BEGIN The records

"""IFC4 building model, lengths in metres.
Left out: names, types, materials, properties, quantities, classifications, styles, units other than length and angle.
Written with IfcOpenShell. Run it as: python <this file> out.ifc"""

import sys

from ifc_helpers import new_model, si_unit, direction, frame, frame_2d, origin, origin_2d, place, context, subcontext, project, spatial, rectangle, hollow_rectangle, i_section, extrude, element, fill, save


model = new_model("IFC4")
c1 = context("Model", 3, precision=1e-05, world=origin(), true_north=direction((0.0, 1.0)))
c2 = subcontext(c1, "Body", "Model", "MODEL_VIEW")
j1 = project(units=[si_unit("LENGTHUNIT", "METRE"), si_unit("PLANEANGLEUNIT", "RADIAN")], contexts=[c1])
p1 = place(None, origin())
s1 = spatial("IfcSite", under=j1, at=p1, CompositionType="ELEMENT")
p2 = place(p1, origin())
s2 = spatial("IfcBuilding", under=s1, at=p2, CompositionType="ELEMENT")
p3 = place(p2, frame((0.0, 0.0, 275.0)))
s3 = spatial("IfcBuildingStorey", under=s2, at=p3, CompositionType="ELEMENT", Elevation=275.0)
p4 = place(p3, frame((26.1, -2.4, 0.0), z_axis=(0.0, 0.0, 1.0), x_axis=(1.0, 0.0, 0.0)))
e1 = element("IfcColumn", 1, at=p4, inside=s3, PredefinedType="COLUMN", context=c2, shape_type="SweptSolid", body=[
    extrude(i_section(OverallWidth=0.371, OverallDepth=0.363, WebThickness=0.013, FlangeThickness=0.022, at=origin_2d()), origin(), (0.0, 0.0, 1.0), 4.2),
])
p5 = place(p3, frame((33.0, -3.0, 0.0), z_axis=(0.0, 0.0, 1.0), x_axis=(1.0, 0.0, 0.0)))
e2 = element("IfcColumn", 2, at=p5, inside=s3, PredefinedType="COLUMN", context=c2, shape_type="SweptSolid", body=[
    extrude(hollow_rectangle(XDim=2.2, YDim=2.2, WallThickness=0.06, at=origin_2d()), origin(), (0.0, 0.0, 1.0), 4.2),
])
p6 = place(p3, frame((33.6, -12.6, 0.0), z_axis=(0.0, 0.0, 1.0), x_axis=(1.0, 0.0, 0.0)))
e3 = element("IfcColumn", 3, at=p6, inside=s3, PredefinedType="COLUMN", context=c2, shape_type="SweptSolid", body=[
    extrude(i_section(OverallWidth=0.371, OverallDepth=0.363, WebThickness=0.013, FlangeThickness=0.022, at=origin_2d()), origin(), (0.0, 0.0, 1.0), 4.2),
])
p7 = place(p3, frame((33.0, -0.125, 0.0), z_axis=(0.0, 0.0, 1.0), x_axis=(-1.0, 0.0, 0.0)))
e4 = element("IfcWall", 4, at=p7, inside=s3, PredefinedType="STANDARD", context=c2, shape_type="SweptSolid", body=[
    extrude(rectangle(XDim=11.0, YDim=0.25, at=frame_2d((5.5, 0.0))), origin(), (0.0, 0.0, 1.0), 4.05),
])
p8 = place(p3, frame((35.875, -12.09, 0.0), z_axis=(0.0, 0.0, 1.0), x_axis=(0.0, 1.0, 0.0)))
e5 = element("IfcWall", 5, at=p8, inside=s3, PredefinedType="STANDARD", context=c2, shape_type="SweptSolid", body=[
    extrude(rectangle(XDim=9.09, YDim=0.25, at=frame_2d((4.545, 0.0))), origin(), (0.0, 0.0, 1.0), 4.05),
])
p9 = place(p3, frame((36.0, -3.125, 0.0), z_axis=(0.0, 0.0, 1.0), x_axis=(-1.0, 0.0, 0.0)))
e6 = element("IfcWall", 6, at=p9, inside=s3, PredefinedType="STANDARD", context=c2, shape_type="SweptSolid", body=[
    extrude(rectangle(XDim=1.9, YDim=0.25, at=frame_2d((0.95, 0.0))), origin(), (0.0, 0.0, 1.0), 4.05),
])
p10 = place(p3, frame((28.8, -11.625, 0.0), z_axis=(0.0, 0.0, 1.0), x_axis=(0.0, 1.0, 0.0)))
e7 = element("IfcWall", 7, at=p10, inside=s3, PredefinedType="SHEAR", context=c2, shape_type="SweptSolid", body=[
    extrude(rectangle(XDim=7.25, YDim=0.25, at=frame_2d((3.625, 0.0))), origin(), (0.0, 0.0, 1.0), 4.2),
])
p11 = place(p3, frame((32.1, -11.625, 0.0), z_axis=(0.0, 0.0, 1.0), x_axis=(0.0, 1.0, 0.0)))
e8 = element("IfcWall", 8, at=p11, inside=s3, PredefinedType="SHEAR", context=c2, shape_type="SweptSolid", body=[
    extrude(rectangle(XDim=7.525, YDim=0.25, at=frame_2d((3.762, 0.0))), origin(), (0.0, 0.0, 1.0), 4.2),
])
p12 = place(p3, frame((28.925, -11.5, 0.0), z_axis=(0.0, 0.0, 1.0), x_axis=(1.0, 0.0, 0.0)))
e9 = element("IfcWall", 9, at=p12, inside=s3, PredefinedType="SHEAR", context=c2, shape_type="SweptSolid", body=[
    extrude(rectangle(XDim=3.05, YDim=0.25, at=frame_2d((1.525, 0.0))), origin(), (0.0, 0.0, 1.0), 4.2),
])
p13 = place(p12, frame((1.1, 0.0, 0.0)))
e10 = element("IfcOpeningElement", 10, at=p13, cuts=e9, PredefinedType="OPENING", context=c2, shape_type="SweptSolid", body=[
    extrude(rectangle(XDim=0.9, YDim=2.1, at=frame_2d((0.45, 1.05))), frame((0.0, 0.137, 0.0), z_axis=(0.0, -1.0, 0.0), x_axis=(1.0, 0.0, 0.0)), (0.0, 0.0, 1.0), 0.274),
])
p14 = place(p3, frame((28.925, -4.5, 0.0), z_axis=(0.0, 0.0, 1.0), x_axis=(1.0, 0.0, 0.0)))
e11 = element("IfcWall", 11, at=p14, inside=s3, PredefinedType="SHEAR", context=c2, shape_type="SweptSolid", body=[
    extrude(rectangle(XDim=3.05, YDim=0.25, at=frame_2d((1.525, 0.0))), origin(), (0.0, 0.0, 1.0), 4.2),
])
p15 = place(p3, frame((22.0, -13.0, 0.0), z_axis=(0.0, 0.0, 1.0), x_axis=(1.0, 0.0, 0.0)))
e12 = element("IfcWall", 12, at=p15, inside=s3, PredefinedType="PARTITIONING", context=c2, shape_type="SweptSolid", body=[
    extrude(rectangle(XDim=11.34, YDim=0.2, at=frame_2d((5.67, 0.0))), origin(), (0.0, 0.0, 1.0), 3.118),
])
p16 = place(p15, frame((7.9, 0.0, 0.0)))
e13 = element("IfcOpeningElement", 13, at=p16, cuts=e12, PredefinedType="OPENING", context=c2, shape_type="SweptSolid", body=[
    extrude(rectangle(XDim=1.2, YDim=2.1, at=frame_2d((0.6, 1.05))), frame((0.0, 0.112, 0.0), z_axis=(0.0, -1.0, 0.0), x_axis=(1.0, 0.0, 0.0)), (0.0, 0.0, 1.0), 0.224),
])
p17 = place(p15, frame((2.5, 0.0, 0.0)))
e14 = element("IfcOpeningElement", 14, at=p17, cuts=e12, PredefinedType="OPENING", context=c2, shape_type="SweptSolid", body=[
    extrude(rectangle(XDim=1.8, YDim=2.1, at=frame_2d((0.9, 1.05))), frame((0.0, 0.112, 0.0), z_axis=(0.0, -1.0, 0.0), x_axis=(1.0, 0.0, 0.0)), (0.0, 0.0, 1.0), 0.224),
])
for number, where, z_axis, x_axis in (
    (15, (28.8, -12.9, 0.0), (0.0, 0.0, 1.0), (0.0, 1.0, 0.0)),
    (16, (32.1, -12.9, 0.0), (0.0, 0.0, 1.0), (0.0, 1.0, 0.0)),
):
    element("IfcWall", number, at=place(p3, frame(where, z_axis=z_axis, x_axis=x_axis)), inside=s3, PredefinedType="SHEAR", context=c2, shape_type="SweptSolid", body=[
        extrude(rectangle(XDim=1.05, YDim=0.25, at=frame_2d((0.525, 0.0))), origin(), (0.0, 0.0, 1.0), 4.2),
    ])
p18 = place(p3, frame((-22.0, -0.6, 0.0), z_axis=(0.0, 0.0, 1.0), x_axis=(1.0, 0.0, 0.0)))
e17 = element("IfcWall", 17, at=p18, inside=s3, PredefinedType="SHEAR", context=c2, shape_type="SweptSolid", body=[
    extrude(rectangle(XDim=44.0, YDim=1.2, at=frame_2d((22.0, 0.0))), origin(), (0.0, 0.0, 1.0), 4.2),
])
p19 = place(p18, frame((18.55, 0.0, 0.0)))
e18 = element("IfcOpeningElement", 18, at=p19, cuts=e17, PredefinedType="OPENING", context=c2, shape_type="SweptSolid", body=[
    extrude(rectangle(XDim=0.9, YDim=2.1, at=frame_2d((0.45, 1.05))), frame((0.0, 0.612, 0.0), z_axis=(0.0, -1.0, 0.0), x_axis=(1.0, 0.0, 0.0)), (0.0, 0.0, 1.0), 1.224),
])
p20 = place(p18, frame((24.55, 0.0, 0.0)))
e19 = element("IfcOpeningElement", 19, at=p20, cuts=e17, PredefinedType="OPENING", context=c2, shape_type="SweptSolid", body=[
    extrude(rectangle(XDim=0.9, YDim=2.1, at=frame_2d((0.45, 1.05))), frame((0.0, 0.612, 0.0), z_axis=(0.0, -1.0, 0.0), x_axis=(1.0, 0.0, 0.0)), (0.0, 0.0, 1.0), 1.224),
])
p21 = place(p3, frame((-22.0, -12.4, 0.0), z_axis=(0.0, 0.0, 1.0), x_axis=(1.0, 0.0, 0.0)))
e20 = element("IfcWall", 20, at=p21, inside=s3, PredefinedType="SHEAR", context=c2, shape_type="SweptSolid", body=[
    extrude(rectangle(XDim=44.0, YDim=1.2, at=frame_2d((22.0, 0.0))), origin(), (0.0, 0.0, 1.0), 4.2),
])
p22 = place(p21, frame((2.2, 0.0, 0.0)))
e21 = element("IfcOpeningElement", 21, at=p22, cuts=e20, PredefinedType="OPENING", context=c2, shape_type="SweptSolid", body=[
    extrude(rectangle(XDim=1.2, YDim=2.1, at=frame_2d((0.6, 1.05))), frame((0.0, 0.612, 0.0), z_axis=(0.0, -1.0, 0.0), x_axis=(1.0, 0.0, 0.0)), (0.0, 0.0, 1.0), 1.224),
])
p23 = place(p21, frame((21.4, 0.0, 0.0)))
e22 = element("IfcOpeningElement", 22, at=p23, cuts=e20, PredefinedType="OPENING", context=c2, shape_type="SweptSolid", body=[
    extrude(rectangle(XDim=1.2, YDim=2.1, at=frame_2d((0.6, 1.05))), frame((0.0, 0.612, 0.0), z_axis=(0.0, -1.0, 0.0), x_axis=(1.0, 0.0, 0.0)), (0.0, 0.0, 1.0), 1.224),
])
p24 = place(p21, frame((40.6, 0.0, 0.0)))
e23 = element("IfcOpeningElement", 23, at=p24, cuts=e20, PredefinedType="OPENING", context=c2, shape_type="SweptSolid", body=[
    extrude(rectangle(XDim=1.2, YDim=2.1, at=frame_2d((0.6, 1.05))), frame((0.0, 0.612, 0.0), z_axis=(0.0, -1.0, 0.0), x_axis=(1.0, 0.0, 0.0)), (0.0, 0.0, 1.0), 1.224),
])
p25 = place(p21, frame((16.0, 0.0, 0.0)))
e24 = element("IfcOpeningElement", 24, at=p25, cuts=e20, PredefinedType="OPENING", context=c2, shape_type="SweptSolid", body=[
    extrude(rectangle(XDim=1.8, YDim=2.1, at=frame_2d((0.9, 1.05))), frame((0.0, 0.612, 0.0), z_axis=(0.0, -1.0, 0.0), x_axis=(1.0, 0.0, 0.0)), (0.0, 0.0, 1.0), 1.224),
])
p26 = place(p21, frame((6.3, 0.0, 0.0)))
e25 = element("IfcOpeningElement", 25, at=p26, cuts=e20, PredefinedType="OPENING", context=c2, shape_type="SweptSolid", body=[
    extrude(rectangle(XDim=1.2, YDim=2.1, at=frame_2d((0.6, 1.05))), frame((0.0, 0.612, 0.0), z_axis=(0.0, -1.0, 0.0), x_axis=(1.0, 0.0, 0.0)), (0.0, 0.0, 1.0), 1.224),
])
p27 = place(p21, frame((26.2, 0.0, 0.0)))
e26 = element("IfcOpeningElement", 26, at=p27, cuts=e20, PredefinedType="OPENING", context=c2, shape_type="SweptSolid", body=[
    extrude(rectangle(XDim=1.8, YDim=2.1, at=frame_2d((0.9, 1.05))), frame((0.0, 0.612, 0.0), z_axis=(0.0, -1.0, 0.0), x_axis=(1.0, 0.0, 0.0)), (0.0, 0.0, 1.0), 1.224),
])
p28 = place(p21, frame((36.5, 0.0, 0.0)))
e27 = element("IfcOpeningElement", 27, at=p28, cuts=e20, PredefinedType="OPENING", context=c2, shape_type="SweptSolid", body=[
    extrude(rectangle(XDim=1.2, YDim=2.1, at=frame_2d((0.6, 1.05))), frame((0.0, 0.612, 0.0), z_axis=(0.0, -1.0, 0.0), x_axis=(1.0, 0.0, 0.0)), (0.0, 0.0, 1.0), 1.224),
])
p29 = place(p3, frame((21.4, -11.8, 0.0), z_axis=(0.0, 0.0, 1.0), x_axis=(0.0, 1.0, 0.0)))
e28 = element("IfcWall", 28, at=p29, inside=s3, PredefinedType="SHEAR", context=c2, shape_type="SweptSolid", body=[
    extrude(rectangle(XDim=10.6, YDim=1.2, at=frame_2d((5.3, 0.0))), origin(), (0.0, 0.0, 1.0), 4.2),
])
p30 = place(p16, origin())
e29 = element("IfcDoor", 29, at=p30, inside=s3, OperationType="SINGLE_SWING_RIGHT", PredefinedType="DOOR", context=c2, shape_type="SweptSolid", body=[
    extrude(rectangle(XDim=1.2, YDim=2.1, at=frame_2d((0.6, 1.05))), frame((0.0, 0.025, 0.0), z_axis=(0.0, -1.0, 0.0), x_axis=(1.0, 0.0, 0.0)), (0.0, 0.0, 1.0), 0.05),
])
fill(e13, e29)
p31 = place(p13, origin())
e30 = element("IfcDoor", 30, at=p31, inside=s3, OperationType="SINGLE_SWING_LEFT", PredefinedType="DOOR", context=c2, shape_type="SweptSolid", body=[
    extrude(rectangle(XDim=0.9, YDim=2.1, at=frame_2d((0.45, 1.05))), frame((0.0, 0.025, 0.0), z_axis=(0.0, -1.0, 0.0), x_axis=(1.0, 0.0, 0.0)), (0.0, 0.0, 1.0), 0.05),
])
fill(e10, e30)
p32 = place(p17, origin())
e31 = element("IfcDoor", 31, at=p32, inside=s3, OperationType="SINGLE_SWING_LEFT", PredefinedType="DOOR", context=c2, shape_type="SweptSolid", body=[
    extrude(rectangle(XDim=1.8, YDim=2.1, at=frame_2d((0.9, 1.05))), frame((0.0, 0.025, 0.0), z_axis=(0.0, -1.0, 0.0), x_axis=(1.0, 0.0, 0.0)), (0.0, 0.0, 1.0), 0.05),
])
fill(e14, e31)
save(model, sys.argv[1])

END The records

■ Task directions ■
Only one stretch of the data above is needed. Restate it word for word, from the line containing "-12.4, 0.0), z_axis=(0.0, 0.0, 1.0), x_axis=(1.0, 0.0, 0.0)))" through the line containing "p25 = place(p21, frame((16.0, 0.0, 0.0)))", both ends included.

■ Answer to this task ■
p21 = place(p3, frame((-22.0, -12.4, 0.0), z_axis=(0.0, 0.0, 1.0), x_axis=(1.0, 0.0, 0.0)))
e20 = element("IfcWall", 20, at=p21, inside=s3, PredefinedType="SHEAR", context=c2, shape_type="SweptSolid", body=[
    extrude(rectangle(XDim=44.0, YDim=1.2, at=frame_2d((22.0, 0.0))), origin(), (0.0, 0.0, 1.0), 4.2),
])
p22 = place(p21, frame((2.2, 0.0, 0.0)))
e21 = element("IfcOpeningElement", 21, at=p22, cuts=e20, PredefinedType="OPENING", context=c2, shape_type="SweptSolid", body=[
    extrude(rectangle(XDim=1.2, YDim=2.1, at=frame_2d((0.6, 1.05))), frame((0.0, 0.612, 0.0), z_axis=(0.0, -1.0, 0.0), x_axis=(1.0, 0.0, 0.0)), (0.0, 0.0, 1.0), 1.224),
])
p23 = place(p21, frame((21.4, 0.0, 0.0)))
e22 = element("IfcOpeningElement", 22, at=p23, cuts=e20, PredefinedType="OPENING", context=c2, shape_type="SweptSolid", body=[
    extrude(rectangle(XDim=1.2, YDim=2.1, at=frame_2d((0.6, 1.05))), frame((0.0, 0.612, 0.0), z_axis=(0.0, -1.0, 0.0), x_axis=(1.0, 0.0, 0.0)), (0.0, 0.0, 1.0), 1.224),
])
p24 = place(p21, frame((40.6, 0.0, 0.0)))
e23 = element("IfcOpeningElement", 23, at=p24, cuts=e20, PredefinedType="OPENING", context=c2, shape_type="SweptSolid", body=[
    extrude(rectangle(XDim=1.2, YDim=2.1, at=frame_2d((0.6, 1.05))), frame((0.0, 0.612, 0.0), z_axis=(0.0, -1.0, 0.0), x_axis=(1.0, 0.0, 0.0)), (0.0, 0.0, 1.0), 1.224),
])
p25 = place(p21, frame((16.0, 0.0, 0.0)))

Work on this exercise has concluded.